[[ DATA EXCERPTS, beginning ]]
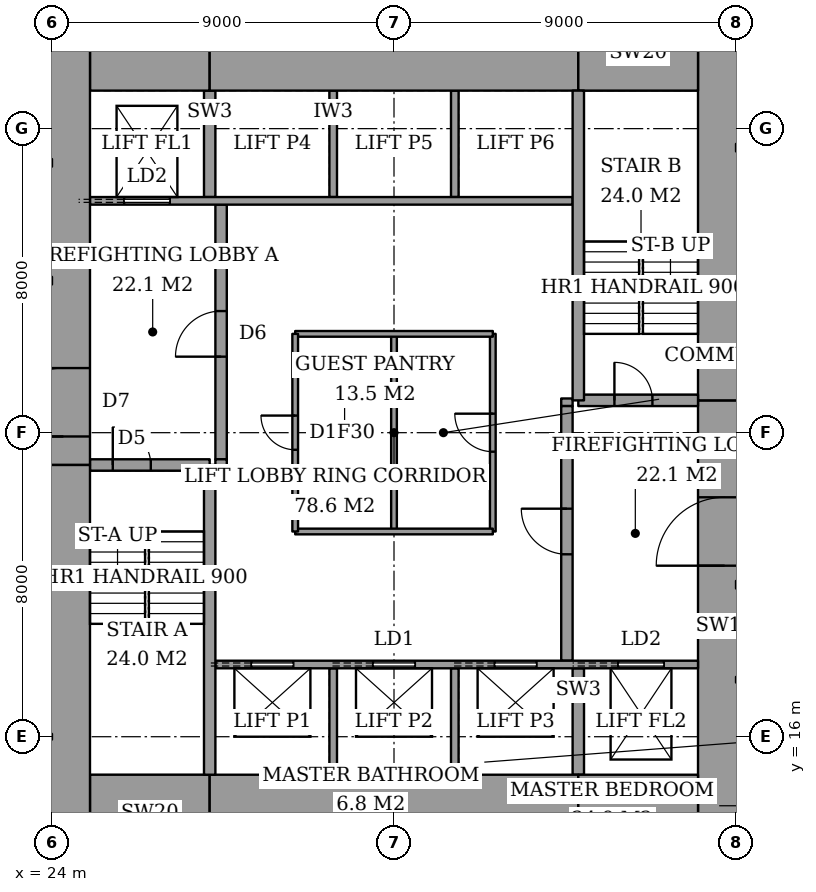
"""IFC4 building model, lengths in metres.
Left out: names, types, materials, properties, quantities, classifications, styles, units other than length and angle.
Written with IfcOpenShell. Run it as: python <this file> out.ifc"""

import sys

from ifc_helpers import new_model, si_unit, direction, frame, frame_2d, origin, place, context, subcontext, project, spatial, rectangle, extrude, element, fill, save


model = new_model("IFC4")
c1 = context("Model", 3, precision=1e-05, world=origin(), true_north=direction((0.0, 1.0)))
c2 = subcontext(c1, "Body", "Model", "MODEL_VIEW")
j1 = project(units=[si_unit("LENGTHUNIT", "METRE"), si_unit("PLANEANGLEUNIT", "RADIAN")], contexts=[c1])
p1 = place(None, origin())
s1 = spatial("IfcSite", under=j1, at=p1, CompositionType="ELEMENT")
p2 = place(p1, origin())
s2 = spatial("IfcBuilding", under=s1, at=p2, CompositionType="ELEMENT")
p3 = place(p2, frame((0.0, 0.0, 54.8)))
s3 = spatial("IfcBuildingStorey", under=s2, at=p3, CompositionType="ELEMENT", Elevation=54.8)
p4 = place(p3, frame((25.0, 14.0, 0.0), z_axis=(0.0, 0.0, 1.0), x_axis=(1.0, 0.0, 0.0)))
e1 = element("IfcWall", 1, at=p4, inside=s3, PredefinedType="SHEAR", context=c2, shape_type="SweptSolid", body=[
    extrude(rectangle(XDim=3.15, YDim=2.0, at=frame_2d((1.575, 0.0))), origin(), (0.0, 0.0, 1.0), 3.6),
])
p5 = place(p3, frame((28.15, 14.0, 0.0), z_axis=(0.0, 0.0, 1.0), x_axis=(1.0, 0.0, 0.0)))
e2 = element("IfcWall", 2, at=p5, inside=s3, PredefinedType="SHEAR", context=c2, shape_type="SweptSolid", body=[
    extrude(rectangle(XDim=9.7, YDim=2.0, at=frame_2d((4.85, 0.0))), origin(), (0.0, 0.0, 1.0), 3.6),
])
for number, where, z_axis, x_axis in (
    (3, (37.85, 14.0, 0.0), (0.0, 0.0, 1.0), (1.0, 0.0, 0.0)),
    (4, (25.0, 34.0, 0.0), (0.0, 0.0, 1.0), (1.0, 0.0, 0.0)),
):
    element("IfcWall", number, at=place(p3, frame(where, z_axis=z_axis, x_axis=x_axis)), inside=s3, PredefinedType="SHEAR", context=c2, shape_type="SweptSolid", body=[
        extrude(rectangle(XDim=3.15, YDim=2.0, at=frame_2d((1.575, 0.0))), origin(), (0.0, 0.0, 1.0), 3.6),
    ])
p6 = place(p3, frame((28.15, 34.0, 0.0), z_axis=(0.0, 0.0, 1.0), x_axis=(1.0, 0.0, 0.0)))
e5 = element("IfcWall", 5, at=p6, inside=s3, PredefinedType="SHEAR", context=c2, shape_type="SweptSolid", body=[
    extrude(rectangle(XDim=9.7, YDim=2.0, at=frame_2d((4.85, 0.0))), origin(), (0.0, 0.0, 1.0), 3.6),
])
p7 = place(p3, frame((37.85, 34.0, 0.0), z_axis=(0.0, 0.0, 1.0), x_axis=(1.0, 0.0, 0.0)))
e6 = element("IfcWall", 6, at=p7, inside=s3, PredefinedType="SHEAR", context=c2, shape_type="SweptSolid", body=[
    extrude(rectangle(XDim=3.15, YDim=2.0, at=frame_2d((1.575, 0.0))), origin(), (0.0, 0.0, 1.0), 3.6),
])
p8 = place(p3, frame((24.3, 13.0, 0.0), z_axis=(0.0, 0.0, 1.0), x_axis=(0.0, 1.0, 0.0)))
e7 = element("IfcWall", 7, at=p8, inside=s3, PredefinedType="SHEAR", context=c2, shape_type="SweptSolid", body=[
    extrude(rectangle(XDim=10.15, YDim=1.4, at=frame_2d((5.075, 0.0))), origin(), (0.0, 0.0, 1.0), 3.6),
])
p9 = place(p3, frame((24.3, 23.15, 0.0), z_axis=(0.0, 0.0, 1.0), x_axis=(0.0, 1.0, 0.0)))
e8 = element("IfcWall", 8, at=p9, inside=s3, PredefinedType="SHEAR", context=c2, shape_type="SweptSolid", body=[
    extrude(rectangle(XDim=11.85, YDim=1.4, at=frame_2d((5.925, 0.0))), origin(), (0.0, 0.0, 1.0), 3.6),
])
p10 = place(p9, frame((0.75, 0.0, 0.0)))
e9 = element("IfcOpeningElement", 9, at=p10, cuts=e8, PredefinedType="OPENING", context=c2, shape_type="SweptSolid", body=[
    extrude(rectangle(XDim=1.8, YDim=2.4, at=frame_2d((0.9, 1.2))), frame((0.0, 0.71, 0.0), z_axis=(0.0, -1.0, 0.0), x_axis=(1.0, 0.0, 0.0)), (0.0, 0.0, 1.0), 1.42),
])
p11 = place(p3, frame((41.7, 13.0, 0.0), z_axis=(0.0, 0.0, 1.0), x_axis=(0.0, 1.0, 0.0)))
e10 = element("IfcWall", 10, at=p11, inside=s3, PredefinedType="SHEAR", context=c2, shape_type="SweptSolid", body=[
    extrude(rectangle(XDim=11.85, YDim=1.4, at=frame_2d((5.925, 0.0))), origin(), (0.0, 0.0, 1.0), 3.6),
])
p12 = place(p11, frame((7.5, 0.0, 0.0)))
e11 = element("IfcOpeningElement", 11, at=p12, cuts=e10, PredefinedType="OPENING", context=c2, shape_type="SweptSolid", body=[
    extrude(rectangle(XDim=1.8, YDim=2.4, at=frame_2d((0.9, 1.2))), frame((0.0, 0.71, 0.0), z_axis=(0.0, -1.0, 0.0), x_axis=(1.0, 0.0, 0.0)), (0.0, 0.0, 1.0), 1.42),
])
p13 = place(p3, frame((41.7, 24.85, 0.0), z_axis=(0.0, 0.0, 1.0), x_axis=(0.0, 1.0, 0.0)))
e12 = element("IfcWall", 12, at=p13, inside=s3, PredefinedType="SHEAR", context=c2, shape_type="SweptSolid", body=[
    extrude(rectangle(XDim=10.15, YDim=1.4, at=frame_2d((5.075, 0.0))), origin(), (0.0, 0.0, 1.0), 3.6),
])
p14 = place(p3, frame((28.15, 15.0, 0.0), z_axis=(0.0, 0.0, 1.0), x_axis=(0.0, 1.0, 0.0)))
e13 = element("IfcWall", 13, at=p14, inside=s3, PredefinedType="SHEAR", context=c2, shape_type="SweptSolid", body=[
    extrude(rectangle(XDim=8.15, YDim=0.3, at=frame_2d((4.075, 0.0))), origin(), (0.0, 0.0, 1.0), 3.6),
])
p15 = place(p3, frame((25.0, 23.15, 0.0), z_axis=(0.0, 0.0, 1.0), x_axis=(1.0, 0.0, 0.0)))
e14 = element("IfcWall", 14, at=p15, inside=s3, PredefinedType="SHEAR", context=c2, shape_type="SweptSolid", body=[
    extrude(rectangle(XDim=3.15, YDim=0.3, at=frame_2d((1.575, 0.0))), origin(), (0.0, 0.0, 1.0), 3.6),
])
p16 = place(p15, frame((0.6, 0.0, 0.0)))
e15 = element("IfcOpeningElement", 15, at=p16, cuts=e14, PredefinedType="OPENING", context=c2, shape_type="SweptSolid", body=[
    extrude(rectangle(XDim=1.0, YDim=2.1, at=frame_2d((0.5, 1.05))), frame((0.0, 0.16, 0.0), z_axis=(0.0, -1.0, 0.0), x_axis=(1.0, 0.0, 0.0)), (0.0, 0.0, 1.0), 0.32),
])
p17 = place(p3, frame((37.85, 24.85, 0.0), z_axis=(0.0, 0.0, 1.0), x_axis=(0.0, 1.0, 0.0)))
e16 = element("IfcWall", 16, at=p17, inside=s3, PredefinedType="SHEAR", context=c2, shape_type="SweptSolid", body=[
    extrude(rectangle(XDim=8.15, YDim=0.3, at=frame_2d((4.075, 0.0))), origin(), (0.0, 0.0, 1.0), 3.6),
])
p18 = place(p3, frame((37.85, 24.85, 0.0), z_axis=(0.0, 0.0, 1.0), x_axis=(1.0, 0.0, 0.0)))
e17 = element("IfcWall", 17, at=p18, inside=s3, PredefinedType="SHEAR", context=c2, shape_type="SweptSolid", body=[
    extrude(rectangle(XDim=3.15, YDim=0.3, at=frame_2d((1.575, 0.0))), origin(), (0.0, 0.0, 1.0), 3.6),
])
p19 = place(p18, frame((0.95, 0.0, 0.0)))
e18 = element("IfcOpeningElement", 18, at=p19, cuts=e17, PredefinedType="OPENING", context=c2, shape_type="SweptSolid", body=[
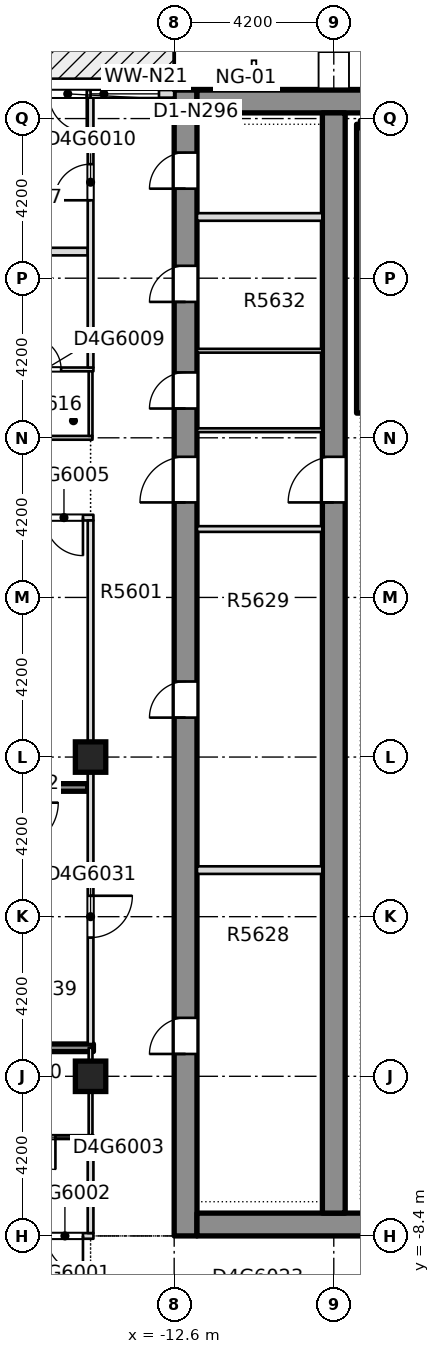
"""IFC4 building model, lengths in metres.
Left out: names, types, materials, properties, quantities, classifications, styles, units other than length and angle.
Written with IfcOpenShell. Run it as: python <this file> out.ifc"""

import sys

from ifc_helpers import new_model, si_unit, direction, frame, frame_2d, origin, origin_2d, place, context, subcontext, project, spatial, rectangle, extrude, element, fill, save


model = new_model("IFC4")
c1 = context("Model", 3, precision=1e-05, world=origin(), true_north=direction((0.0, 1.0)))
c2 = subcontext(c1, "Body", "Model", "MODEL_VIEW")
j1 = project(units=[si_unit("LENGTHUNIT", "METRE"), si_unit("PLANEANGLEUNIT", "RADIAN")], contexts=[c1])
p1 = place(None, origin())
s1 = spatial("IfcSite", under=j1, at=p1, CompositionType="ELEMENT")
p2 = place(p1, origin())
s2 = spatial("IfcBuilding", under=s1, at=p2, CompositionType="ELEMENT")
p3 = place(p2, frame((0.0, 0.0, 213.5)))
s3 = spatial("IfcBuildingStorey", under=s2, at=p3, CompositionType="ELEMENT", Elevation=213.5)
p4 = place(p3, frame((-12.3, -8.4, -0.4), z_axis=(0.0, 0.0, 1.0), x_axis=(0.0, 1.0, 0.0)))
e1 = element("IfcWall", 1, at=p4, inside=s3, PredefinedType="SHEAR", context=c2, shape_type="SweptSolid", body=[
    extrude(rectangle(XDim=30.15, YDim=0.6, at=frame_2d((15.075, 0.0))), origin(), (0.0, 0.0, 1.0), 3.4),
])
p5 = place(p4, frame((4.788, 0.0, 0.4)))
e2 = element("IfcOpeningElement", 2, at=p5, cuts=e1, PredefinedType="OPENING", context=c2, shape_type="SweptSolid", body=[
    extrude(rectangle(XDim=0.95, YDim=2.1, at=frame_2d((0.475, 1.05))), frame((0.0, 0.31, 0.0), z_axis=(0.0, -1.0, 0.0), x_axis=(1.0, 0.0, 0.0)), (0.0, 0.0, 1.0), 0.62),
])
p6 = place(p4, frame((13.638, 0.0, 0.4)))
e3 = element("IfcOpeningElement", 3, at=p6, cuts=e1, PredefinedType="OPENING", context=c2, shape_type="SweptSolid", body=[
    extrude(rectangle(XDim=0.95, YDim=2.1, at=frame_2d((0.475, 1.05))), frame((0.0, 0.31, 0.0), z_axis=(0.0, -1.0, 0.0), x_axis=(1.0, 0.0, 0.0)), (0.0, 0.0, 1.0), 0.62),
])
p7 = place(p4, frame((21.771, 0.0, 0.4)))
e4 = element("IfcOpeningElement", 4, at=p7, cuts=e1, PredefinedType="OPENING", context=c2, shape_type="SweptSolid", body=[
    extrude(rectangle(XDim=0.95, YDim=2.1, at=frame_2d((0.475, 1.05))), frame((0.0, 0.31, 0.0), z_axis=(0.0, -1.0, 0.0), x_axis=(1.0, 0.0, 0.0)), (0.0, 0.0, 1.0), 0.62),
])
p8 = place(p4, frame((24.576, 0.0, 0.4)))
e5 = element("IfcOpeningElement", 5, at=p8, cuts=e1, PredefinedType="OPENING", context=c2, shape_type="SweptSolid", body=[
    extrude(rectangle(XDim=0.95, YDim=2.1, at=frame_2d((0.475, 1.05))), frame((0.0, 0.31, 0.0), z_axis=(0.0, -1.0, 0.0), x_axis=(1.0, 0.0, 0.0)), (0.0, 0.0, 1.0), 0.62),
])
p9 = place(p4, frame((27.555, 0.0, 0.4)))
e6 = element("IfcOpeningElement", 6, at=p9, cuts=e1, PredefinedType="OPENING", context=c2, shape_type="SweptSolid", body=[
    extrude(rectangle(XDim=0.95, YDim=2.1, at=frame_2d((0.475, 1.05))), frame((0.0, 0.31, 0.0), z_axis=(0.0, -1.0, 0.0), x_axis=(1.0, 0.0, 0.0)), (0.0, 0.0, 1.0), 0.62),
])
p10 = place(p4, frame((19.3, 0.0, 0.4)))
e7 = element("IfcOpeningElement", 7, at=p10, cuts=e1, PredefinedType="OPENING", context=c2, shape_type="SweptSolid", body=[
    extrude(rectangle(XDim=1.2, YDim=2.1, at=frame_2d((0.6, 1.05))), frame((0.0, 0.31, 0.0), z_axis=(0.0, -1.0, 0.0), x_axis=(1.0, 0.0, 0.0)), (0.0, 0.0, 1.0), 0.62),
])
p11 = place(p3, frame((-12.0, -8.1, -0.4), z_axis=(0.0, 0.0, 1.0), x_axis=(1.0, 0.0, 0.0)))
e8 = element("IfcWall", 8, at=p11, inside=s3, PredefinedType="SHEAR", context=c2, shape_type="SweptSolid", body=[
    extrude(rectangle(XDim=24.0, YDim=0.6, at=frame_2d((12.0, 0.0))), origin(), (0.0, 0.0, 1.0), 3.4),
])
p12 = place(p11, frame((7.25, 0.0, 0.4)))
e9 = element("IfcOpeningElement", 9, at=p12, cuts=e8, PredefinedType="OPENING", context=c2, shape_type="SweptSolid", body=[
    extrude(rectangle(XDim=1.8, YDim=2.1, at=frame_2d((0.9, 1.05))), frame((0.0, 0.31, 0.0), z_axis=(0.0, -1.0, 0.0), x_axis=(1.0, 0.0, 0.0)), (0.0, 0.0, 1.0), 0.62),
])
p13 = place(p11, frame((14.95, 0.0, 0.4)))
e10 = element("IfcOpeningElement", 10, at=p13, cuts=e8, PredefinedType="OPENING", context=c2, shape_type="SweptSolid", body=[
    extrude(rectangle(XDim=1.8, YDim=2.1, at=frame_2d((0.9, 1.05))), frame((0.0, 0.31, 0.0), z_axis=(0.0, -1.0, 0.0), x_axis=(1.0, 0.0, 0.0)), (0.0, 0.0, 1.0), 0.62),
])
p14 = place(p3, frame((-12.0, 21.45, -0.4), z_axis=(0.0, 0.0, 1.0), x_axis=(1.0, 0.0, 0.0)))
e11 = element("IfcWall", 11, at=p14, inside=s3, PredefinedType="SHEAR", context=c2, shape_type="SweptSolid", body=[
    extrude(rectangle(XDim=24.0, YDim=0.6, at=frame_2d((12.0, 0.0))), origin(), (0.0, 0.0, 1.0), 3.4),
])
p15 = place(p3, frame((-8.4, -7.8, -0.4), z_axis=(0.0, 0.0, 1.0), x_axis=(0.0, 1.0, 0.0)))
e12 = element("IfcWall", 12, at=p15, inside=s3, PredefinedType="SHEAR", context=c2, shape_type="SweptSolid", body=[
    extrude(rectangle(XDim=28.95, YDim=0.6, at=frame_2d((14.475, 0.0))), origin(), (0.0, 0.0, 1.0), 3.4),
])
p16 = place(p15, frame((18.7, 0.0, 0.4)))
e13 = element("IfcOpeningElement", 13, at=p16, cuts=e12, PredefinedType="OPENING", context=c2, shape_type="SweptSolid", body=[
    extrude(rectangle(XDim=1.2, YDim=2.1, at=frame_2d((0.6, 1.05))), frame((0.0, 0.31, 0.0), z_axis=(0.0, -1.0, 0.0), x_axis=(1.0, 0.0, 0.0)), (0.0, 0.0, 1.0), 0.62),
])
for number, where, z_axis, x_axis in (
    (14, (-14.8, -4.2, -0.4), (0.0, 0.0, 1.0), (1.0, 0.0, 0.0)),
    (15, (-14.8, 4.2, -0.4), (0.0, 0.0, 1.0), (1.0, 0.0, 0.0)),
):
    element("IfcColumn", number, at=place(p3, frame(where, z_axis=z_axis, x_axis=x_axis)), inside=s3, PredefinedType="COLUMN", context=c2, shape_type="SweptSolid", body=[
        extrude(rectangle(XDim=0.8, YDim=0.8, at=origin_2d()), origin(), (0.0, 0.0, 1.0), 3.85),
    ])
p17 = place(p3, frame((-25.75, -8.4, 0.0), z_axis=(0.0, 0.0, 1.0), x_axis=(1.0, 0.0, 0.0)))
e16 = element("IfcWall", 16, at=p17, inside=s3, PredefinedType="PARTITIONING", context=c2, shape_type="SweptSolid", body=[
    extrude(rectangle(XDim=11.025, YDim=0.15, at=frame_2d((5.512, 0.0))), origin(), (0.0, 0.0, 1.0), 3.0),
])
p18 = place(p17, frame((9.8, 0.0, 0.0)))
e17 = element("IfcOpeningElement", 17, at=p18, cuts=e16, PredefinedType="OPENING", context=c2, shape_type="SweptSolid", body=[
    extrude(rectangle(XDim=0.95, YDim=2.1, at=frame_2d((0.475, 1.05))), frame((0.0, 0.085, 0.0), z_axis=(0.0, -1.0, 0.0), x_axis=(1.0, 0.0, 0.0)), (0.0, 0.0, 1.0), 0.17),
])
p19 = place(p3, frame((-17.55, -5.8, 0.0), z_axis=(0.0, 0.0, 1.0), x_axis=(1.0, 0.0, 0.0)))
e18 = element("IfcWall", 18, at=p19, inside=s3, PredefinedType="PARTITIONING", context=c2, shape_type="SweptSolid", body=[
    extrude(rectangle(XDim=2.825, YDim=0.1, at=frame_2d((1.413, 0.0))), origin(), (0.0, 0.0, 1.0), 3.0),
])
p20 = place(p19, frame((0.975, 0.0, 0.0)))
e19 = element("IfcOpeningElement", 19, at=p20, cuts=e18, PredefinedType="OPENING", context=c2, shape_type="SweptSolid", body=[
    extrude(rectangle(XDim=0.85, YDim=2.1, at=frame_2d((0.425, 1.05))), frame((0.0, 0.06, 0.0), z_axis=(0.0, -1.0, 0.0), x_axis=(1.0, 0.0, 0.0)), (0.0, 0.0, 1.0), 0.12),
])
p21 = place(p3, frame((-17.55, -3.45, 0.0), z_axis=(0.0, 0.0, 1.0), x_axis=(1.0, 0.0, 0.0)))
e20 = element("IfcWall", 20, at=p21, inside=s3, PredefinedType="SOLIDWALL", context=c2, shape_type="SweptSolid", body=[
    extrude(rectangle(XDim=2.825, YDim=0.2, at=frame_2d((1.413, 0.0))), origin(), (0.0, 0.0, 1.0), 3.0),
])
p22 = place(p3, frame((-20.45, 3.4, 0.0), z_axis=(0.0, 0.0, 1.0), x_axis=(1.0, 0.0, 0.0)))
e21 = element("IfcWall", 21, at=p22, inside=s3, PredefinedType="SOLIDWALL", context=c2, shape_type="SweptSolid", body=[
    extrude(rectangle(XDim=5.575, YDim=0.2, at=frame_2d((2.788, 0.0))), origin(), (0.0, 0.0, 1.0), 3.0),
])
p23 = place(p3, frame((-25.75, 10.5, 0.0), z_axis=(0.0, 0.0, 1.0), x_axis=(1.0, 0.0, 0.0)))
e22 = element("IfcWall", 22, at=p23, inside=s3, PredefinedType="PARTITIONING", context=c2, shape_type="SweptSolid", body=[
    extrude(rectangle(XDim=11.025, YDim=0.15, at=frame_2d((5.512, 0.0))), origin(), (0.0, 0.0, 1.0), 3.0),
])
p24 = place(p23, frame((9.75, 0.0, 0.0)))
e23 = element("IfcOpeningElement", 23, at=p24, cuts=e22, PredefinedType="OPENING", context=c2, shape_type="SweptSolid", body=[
[[ DATA EXCERPTS, end ]]
TASK REQUIREMENTS
Reproduce, exactly as they stand in the data above, the lines from the one that holds "-8.1, -0.4), z_axis=(0.0, 0.0, 1.0), x_axis=(1.0, 0.0, 0.0)))" to the one that holds "p12 = place(p11, frame((7.25, 0.0, 0.4)))", inclusive.

OUTPUT BELOW
p11 = place(p3, frame((-12.0, -8.1, -0.4), z_axis=(0.0, 0.0, 1.0), x_axis=(1.0, 0.0, 0.0)))
e8 = element("IfcWall", 8, at=p11, inside=s3, PredefinedType="SHEAR", context=c2, shape_type="SweptSolid", body=[
    extrude(rectangle(XDim=24.0, YDim=0.6, at=frame_2d((12.0, 0.0))), origin(), (0.0, 0.0, 1.0), 3.4),
])
p12 = place(p11, frame((7.25, 0.0, 0.4)))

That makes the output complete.